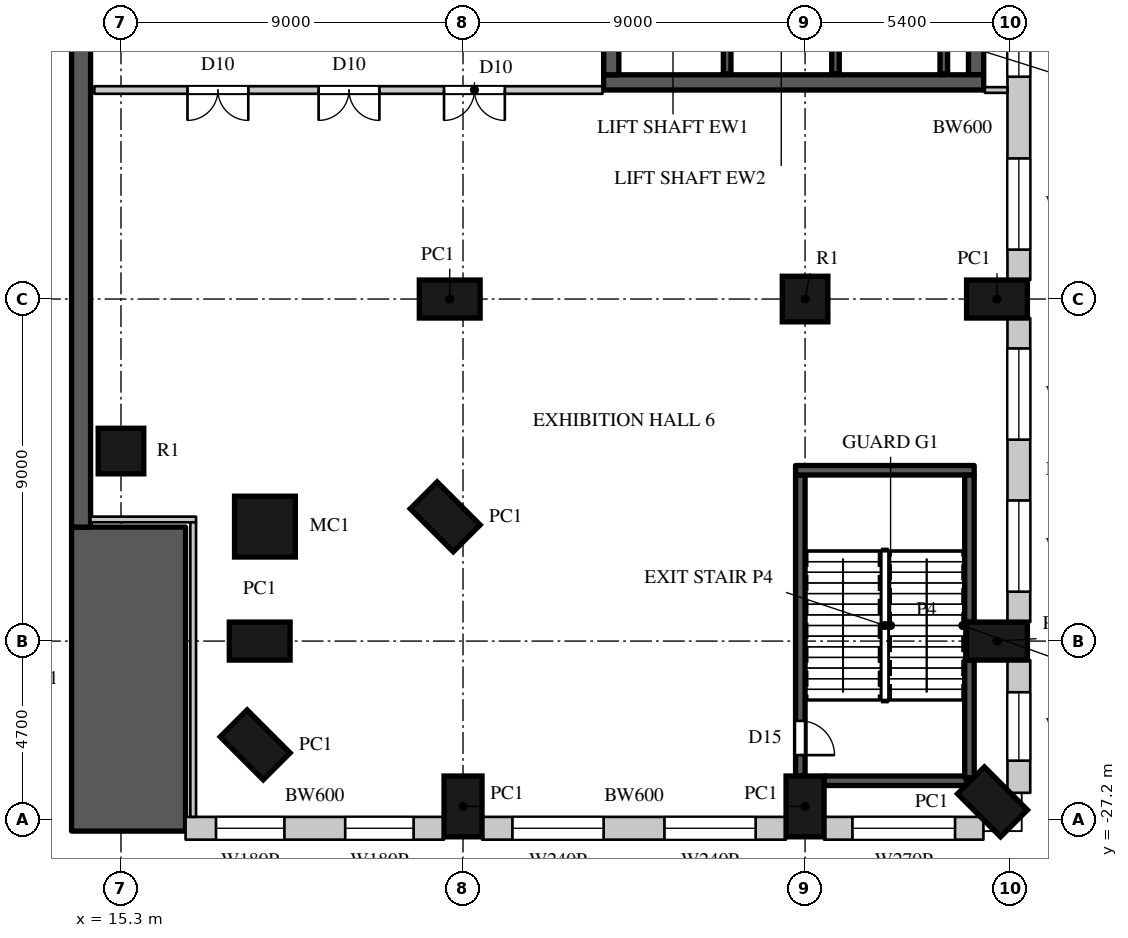
"""IFC4 building model, lengths in metres.
Left out: names, types, materials, properties, quantities, classifications, styles, units other than length and angle.
Written with IfcOpenShell. Run it as: python <this file> out.ifc"""

import sys

from ifc_helpers import new_model, si_unit, direction, frame, frame_2d, origin, origin_2d, place, context, subcontext, project, spatial, rectangle, circle, extrude, element, fill, save


model = new_model("IFC4")
c1 = context("Model", 3, precision=1e-05, world=origin(), true_north=direction((0.0, 1.0)))
c2 = subcontext(c1, "Body", "Model", "MODEL_VIEW")
j1 = project(units=[si_unit("LENGTHUNIT", "METRE"), si_unit("PLANEANGLEUNIT", "RADIAN")], contexts=[c1])
p1 = place(None, origin())
s1 = spatial("IfcSite", under=j1, at=p1, CompositionType="ELEMENT")
p2 = place(p1, origin())
s2 = spatial("IfcBuilding", under=s1, at=p2, CompositionType="ELEMENT")
p3 = place(p2, frame((0.0, 0.0, 9.0)))
s3 = spatial("IfcBuildingStorey", under=s2, at=p3, CompositionType="ELEMENT", Elevation=9.0)
p4 = place(p3, frame((15.5, -27.5, 0.0), z_axis=(0.0, 0.0, 1.0), x_axis=(0.0, 1.0, 0.0)))
e1 = element("IfcWall", 1, at=p4, inside=s3, PredefinedType="SOLIDWALL", context=c2, shape_type="SweptSolid", body=[
    extrude(rectangle(XDim=8.0, YDim=3.0, at=frame_2d((4.0, 0.0))), origin(), (0.0, 0.0, 1.0), 10.0),
])
p5 = place(p3, frame((14.25, -19.5, 0.0), z_axis=(0.0, 0.0, 1.0), x_axis=(0.0, 1.0, 0.0)))
e2 = element("IfcWall", 2, at=p5, inside=s3, PredefinedType="SOLIDWALL", context=c2, shape_type="SweptSolid", body=[
    extrude(rectangle(XDim=39.0, YDim=0.5, at=frame_2d((19.5, 0.0))), origin(), (0.0, 0.0, 1.0), 10.0),
])
for number, where, z_axis, x_axis in (
    (3, (18.831, -25.231, 0.0), (0.0, 0.0, 1.0), (0.707, 0.707, 0.0)),
    (4, (18.95, -22.5, 0.0), (0.0, 0.0, 1.0), (0.0, 1.0, 0.0)),
):
    element("IfcColumn", number, at=place(p3, frame(where, z_axis=z_axis, x_axis=x_axis)), inside=s3, PredefinedType="COLUMN", context=c2, shape_type="SweptSolid", body=[
        extrude(rectangle(XDim=1.0, YDim=1.6, at=origin_2d()), origin(), (0.0, 0.0, 1.0), 10.0),
    ])
p6 = place(p3, frame((19.088, -19.488, 0.0), z_axis=(0.0, 0.0, 1.0), x_axis=(1.0, 0.0, 0.0)))
e5 = element("IfcColumn", 5, at=p6, inside=s3, PredefinedType="COLUMN", context=c2, shape_type="SweptSolid", body=[
    extrude(circle(Radius=0.8, at=origin_2d()), origin(), (0.0, 0.0, 1.0), 10.0),
])
for number, where, z_axis, x_axis in (
    (6, (23.831, -19.231, 0.0), (0.0, 0.0, 1.0), (0.707, 0.707, 0.0)),
    (7, (23.95, -13.5, 0.0), (0.0, 0.0, 1.0), (0.0, 1.0, 0.0)),
    (8, (24.3, -26.85, 0.0), (0.0, 0.0, 1.0), (1.0, 0.0, 0.0)),
    (9, (33.3, -26.85, 0.0), (0.0, 0.0, 1.0), (1.0, 0.0, 0.0)),
    (10, (38.231, -26.731, 0.0), (0.0, 0.0, 1.0), (0.707, 0.707, 0.0)),
    (11, (38.35, -22.5, 0.0), (0.0, 0.0, 1.0), (0.0, 1.0, 0.0)),
    (12, (38.35, -13.5, 0.0), (0.0, 0.0, 1.0), (0.0, 1.0, 0.0)),
):
    element("IfcColumn", number, at=place(p3, frame(where, z_axis=z_axis, x_axis=x_axis)), inside=s3, PredefinedType="COLUMN", context=c2, shape_type="SweptSolid", body=[
        extrude(rectangle(XDim=1.0, YDim=1.6, at=origin_2d()), origin(), (0.0, 0.0, 1.0), 10.0),
    ])
for number, where, z_axis, x_axis in (
    (13, (15.3, -17.5, 0.0), (0.0, 0.0, 1.0), (1.0, 0.0, 0.0)),
    (14, (33.3, -13.5, 0.0), (0.0, 0.0, 1.0), (1.0, 0.0, 0.0)),
):
    element("IfcColumn", number, at=place(p3, frame(where, z_axis=z_axis, x_axis=x_axis)), inside=s3, PredefinedType="COLUMN", context=c2, shape_type="SweptSolid", body=[
        extrude(circle(Radius=0.6, at=origin_2d()), origin(), (0.0, 0.0, 1.0), 10.0),
    ])
p7 = place(p3, frame((17.0, -27.425, 0.0), z_axis=(0.0, 0.0, 1.0), x_axis=(1.0, 0.0, 0.0)))
e15 = element("IfcWall", 15, at=p7, inside=s3, PredefinedType="ELEMENTEDWALL", context=c2, shape_type="SweptSolid", body=[
    extrude(rectangle(XDim=6.8, YDim=0.6, at=frame_2d((3.4, 0.0))), origin(), (0.0, 0.0, 1.0), 9.6),
])
p8 = place(p7, frame((0.8, 0.0, 3.0)))
e16 = element("IfcOpeningElement", 16, at=p8, cuts=e15, PredefinedType="OPENING", context=c2, shape_type="SweptSolid", body=[
    extrude(rectangle(XDim=1.8, YDim=2.4, at=frame_2d((0.9, 1.2))), frame((0.0, 0.31, 0.0), z_axis=(0.0, -1.0, 0.0), x_axis=(1.0, 0.0, 0.0)), (0.0, 0.0, 1.0), 0.62),
])
p9 = place(p7, frame((4.2, 0.0, 3.0)))
e17 = element("IfcOpeningElement", 17, at=p9, cuts=e15, PredefinedType="OPENING", context=c2, shape_type="SweptSolid", body=[
    extrude(rectangle(XDim=1.8, YDim=2.4, at=frame_2d((0.9, 1.2))), frame((0.0, 0.31, 0.0), z_axis=(0.0, -1.0, 0.0), x_axis=(1.0, 0.0, 0.0)), (0.0, 0.0, 1.0), 0.62),
])
p10 = place(p3, frame((24.8, -27.425, 0.0), z_axis=(0.0, 0.0, 1.0), x_axis=(1.0, 0.0, 0.0)))
e18 = element("IfcWall", 18, at=p10, inside=s3, PredefinedType="ELEMENTEDWALL", context=c2, shape_type="SweptSolid", body=[
    extrude(rectangle(XDim=8.0, YDim=0.6, at=frame_2d((4.0, 0.0))), origin(), (0.0, 0.0, 1.0), 9.6),
])
p11 = place(p10, frame((0.8, 0.0, 3.0)))
e19 = element("IfcOpeningElement", 19, at=p11, cuts=e18, PredefinedType="OPENING", context=c2, shape_type="SweptSolid", body=[
    extrude(rectangle(XDim=2.4, YDim=2.4, at=frame_2d((1.2, 1.2))), frame((0.0, 0.31, 0.0), z_axis=(0.0, -1.0, 0.0), x_axis=(1.0, 0.0, 0.0)), (0.0, 0.0, 1.0), 0.62),
])
p12 = place(p10, frame((4.8, 0.0, 3.0)))
e20 = element("IfcOpeningElement", 20, at=p12, cuts=e18, PredefinedType="OPENING", context=c2, shape_type="SweptSolid", body=[
    extrude(rectangle(XDim=2.4, YDim=2.4, at=frame_2d((1.2, 1.2))), frame((0.0, 0.31, 0.0), z_axis=(0.0, -1.0, 0.0), x_axis=(1.0, 0.0, 0.0)), (0.0, 0.0, 1.0), 0.62),
])
p13 = place(p3, frame((33.8, -27.425, 0.0), z_axis=(0.0, 0.0, 1.0), x_axis=(1.0, 0.0, 0.0)))
e21 = element("IfcWall", 21, at=p13, inside=s3, PredefinedType="ELEMENTEDWALL", context=c2, shape_type="SweptSolid", body=[
    extrude(rectangle(XDim=4.193, YDim=0.6, at=frame_2d((2.096, 0.0))), origin(), (0.0, 0.0, 1.0), 9.6),
])
p14 = place(p13, frame((0.746, 0.0, 3.0)))
e22 = element("IfcOpeningElement", 22, at=p14, cuts=e21, PredefinedType="OPENING", context=c2, shape_type="SweptSolid", body=[
    extrude(rectangle(XDim=2.7, YDim=2.4, at=frame_2d((1.35, 1.2))), frame((0.0, 0.31, 0.0), z_axis=(0.0, -1.0, 0.0), x_axis=(1.0, 0.0, 0.0)), (0.0, 0.0, 1.0), 0.62),
])
p15 = place(p3, frame((38.925, -26.493, 0.0), z_axis=(0.0, 0.0, 1.0), x_axis=(0.0, 1.0, 0.0)))
e23 = element("IfcWall", 23, at=p15, inside=s3, PredefinedType="ELEMENTEDWALL", context=c2, shape_type="SweptSolid", body=[
    extrude(rectangle(XDim=3.493, YDim=0.6, at=frame_2d((1.747, 0.0))), origin(), (0.0, 0.0, 1.0), 9.6),
])
p16 = place(p15, frame((0.846, 0.0, 3.0)))
e24 = element("IfcOpeningElement", 24, at=p16, cuts=e23, PredefinedType="OPENING", context=c2, shape_type="SweptSolid", body=[
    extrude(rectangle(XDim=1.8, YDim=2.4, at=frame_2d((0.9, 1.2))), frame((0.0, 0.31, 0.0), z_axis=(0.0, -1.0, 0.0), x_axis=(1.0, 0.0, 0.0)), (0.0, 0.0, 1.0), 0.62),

Work required: A single figure, please: the number of lines in the data that hold the string "units".

Solution for this task: 2